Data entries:
★ ★ ★
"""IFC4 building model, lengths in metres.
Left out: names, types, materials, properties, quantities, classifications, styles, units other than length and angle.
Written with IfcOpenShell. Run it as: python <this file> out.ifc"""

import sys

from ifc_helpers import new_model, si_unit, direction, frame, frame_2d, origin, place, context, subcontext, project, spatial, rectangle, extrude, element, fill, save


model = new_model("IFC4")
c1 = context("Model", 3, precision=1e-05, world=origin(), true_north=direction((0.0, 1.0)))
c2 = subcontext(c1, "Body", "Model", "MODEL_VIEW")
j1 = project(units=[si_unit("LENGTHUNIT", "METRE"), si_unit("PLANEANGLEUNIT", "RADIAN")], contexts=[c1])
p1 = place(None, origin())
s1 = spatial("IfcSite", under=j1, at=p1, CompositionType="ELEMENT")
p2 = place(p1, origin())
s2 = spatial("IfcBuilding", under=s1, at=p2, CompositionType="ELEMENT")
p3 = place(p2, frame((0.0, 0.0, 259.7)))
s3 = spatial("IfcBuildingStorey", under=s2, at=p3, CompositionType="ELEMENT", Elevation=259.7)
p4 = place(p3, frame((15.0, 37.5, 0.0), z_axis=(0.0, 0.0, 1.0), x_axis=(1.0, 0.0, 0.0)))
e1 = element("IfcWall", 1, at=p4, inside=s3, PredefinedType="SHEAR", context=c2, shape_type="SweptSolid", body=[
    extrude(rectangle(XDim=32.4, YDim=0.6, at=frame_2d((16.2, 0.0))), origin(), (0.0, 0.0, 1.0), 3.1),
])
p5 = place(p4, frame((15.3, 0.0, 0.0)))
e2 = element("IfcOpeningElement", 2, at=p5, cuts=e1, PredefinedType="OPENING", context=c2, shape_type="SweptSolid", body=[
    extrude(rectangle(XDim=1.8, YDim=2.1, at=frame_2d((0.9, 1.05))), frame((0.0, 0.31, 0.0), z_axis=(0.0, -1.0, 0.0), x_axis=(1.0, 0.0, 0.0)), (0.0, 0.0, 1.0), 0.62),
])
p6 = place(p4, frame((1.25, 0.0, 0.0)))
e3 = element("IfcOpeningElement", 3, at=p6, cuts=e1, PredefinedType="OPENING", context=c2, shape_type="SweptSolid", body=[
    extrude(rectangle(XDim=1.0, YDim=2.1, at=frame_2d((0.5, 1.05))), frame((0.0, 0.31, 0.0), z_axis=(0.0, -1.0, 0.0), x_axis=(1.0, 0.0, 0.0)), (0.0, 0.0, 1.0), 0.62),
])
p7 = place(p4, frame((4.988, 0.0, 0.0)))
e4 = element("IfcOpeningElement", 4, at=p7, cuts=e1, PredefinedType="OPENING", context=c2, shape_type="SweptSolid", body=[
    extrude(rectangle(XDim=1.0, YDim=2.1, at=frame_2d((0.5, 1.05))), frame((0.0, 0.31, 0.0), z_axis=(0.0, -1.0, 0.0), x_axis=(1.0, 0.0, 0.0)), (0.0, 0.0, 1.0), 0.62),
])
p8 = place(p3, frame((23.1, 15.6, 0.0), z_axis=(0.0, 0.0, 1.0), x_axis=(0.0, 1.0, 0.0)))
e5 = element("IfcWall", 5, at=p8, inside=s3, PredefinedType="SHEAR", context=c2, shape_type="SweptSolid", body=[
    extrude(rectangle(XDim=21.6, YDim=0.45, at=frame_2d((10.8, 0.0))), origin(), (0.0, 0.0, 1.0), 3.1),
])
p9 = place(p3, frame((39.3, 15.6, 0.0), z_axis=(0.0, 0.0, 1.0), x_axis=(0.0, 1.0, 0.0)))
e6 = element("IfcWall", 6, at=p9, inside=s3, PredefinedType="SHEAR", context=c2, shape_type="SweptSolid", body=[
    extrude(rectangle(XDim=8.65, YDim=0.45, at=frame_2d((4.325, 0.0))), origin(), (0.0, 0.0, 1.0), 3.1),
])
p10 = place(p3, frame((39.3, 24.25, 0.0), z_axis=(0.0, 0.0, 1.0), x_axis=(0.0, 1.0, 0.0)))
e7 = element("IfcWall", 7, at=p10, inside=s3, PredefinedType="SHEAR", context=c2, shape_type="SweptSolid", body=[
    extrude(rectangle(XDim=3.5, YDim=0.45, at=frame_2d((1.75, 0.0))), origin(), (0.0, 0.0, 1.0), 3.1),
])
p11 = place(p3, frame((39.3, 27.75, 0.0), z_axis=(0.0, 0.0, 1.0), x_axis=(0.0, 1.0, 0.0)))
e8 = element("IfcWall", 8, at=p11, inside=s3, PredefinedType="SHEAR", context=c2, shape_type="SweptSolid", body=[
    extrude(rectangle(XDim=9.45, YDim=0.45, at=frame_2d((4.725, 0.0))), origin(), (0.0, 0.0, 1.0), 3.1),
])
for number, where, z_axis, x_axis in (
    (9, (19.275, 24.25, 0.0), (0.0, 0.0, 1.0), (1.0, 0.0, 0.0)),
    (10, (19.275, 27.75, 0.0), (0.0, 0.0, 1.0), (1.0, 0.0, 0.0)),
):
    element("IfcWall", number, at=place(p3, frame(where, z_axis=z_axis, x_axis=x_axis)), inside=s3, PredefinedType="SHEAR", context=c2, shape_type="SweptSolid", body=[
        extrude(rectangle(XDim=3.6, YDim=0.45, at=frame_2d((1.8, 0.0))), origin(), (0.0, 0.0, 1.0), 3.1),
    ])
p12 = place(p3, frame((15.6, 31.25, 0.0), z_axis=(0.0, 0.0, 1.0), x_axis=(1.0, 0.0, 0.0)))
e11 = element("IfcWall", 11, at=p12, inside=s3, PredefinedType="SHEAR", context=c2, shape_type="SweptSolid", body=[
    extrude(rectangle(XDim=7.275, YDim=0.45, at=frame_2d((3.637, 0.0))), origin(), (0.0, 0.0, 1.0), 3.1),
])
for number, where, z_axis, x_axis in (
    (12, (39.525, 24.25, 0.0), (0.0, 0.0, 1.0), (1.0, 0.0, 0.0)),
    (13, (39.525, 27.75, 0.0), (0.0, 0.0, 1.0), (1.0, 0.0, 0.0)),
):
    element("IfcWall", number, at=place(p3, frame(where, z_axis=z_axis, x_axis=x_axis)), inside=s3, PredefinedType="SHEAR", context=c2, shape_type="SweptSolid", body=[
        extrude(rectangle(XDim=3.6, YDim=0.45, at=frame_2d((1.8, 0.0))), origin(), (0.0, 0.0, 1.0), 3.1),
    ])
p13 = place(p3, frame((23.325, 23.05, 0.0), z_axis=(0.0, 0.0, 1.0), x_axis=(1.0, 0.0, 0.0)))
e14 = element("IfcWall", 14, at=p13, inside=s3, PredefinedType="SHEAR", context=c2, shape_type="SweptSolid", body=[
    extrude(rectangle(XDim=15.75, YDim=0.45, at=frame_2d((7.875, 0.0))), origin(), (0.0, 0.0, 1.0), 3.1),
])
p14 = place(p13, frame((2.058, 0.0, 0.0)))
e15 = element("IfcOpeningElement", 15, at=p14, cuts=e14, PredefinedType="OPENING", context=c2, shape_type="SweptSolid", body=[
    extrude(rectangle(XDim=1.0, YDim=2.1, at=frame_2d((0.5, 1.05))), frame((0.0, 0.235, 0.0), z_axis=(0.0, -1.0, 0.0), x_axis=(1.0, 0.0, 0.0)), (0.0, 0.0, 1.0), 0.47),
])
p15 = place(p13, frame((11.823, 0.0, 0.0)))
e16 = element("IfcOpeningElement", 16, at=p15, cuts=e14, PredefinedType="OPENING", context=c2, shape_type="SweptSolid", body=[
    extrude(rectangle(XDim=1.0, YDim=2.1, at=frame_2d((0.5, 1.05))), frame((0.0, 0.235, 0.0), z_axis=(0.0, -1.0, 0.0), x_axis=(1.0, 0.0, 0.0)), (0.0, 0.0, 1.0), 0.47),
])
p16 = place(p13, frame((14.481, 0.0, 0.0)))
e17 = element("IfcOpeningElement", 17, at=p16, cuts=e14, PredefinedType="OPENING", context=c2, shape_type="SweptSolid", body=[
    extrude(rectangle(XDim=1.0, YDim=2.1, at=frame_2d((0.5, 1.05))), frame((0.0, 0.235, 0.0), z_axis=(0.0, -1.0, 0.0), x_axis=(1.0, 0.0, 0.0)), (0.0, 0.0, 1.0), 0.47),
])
★ ★ ★
Look over the entries above. Copy every line that contains the word "import".

import sys
from ifc_helpers import new_model, si_unit, direction, frame, frame_2d, origin, place, context, subcontext, project, spatial, rectangle, extrude, element, fill, save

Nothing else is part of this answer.